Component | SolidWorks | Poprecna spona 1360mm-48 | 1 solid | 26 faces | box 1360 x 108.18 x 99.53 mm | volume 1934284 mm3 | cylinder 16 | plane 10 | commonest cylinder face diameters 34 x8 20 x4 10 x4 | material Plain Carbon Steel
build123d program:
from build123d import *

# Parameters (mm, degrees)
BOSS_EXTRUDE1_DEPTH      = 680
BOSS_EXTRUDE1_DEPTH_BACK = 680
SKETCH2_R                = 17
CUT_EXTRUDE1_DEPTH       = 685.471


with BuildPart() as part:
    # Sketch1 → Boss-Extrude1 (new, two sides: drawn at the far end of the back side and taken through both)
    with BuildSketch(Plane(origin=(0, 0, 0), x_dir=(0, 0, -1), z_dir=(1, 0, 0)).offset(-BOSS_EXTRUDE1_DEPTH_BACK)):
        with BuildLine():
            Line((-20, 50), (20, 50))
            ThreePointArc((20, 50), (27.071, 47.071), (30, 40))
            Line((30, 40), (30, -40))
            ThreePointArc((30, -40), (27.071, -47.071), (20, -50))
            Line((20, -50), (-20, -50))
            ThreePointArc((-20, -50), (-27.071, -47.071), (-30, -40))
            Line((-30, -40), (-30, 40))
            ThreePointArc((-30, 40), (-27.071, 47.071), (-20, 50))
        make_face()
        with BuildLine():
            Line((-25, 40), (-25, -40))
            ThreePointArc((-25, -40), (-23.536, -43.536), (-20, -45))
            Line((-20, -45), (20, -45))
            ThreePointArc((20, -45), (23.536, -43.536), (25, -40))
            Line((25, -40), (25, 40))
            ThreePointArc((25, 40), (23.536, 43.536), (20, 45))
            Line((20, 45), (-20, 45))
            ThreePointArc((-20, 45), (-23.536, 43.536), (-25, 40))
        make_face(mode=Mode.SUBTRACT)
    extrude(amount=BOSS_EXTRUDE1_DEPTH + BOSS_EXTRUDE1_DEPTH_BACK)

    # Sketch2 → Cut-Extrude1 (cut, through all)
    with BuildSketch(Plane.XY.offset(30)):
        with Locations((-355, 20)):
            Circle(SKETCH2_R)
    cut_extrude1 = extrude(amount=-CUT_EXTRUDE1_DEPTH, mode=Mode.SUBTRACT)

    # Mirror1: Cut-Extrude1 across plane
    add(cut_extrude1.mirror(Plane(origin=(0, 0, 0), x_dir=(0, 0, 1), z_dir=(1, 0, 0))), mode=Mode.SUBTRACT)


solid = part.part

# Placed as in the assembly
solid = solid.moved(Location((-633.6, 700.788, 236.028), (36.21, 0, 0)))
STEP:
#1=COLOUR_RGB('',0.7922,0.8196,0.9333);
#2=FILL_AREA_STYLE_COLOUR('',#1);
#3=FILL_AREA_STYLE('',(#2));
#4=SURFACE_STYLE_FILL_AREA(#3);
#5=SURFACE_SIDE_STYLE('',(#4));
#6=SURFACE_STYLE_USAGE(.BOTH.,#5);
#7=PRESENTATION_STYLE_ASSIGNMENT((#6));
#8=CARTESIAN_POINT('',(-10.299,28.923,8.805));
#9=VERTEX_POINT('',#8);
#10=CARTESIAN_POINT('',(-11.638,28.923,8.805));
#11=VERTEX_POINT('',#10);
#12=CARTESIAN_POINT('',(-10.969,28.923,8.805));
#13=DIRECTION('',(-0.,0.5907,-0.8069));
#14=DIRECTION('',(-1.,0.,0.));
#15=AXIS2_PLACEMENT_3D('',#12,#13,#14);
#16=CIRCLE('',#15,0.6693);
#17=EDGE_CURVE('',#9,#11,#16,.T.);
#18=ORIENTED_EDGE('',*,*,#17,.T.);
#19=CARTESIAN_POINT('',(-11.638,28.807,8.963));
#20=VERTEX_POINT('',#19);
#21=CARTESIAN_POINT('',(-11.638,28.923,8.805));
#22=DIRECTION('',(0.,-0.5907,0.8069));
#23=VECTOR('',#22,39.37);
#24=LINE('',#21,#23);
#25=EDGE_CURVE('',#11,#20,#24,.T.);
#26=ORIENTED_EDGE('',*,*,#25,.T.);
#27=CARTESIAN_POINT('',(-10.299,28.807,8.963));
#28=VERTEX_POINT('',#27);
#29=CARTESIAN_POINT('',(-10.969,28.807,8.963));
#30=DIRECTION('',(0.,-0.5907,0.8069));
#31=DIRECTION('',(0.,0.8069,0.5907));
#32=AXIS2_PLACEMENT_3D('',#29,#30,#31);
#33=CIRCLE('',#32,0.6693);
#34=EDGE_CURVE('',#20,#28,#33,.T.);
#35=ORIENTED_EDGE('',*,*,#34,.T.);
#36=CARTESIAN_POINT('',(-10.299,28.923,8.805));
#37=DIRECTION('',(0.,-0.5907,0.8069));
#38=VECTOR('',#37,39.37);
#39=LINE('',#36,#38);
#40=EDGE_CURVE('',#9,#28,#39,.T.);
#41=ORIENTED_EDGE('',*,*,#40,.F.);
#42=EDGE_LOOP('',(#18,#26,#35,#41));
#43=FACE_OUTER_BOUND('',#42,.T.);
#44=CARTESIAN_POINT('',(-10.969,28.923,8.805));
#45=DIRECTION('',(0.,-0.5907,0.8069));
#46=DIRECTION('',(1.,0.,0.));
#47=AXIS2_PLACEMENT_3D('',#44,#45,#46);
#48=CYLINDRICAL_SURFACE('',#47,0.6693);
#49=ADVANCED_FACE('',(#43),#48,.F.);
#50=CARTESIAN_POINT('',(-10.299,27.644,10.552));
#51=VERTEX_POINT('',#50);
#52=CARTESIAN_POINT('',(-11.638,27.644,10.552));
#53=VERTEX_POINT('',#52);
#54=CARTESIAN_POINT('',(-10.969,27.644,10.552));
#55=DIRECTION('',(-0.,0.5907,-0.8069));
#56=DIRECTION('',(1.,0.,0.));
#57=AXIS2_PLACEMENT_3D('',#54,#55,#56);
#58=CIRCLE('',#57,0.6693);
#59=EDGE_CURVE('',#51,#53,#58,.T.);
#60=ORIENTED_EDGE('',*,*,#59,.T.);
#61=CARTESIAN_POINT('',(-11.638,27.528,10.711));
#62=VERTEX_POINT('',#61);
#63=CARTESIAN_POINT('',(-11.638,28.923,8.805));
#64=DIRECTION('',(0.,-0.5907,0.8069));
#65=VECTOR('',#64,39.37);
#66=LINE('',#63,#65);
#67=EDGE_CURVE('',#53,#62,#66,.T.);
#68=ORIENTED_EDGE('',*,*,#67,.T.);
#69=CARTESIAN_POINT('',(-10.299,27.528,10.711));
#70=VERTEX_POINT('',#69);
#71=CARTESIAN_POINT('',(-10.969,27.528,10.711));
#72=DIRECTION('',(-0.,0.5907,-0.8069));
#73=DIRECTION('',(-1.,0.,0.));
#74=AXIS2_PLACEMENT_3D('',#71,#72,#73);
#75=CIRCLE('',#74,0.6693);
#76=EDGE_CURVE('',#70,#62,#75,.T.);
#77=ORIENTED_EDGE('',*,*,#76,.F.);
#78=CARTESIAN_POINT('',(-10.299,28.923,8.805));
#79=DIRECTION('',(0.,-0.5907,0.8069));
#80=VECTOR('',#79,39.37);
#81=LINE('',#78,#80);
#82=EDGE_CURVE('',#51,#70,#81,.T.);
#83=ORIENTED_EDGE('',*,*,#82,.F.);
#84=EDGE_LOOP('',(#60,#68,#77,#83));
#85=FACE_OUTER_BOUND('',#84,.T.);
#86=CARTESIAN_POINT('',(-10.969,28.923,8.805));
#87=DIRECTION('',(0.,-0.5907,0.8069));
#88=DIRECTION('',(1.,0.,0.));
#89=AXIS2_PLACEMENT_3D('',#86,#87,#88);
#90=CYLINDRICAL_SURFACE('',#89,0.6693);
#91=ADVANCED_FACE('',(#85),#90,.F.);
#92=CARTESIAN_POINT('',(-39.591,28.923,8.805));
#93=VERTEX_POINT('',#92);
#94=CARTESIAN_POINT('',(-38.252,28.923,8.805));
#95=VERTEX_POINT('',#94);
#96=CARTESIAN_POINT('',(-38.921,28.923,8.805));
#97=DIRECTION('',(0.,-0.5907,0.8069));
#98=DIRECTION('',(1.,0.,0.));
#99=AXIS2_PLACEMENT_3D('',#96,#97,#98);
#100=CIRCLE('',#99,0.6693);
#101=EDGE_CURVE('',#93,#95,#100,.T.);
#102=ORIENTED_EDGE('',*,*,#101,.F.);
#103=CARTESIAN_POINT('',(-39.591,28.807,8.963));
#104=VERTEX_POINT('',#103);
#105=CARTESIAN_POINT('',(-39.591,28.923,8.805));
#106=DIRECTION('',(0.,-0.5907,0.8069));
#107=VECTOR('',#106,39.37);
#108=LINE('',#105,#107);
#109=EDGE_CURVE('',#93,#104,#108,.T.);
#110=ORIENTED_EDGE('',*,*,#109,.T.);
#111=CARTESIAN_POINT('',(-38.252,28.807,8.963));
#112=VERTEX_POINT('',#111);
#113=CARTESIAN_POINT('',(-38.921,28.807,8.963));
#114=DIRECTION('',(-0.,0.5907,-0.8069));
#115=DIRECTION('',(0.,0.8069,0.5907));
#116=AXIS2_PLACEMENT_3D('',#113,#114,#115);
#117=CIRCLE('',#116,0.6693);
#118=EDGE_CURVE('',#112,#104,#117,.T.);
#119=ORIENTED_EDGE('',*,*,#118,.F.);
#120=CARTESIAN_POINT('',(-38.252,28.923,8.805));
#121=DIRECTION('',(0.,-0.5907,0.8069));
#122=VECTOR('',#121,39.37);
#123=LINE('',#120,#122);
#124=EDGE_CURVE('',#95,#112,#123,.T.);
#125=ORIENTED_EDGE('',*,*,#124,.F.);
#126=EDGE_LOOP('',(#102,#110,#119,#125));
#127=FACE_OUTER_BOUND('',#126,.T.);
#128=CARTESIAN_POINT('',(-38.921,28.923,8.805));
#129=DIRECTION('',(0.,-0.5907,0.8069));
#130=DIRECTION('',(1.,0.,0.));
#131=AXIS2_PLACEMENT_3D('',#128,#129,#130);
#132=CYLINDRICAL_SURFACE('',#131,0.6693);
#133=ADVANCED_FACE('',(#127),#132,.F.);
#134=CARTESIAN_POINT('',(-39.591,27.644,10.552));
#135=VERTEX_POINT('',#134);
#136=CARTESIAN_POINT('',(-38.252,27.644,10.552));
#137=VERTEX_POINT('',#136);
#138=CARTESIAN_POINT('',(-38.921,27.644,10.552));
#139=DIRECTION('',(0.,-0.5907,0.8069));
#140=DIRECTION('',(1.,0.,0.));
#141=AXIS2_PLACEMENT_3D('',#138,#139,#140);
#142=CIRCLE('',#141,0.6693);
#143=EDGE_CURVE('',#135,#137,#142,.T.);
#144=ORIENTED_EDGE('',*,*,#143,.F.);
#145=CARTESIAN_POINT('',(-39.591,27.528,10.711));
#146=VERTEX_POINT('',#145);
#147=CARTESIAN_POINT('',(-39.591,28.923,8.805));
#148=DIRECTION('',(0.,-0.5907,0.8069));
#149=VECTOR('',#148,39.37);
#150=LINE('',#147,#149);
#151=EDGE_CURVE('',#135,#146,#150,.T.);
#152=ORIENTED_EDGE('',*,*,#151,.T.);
------
Exercise requirements - Each line above from the one with "#114=DIRECTION('',(-0.,0.5907,-0.8069));" up to and including the one with "#123=LINE('',#120,#122);" must be set down exactly, and no line outside that span may appear.

Answer below -
#114=DIRECTION('',(-0.,0.5907,-0.8069));
#115=DIRECTION('',(0.,0.8069,0.5907));
#116=AXIS2_PLACEMENT_3D('',#113,#114,#115);
#117=CIRCLE('',#116,0.6693);
#118=EDGE_CURVE('',#112,#104,#117,.T.);
#119=ORIENTED_EDGE('',*,*,#118,.F.);
#120=CARTESIAN_POINT('',(-38.252,28.923,8.805));
#121=DIRECTION('',(0.,-0.5907,0.8069));
#122=VECTOR('',#121,39.37);
#123=LINE('',#120,#122);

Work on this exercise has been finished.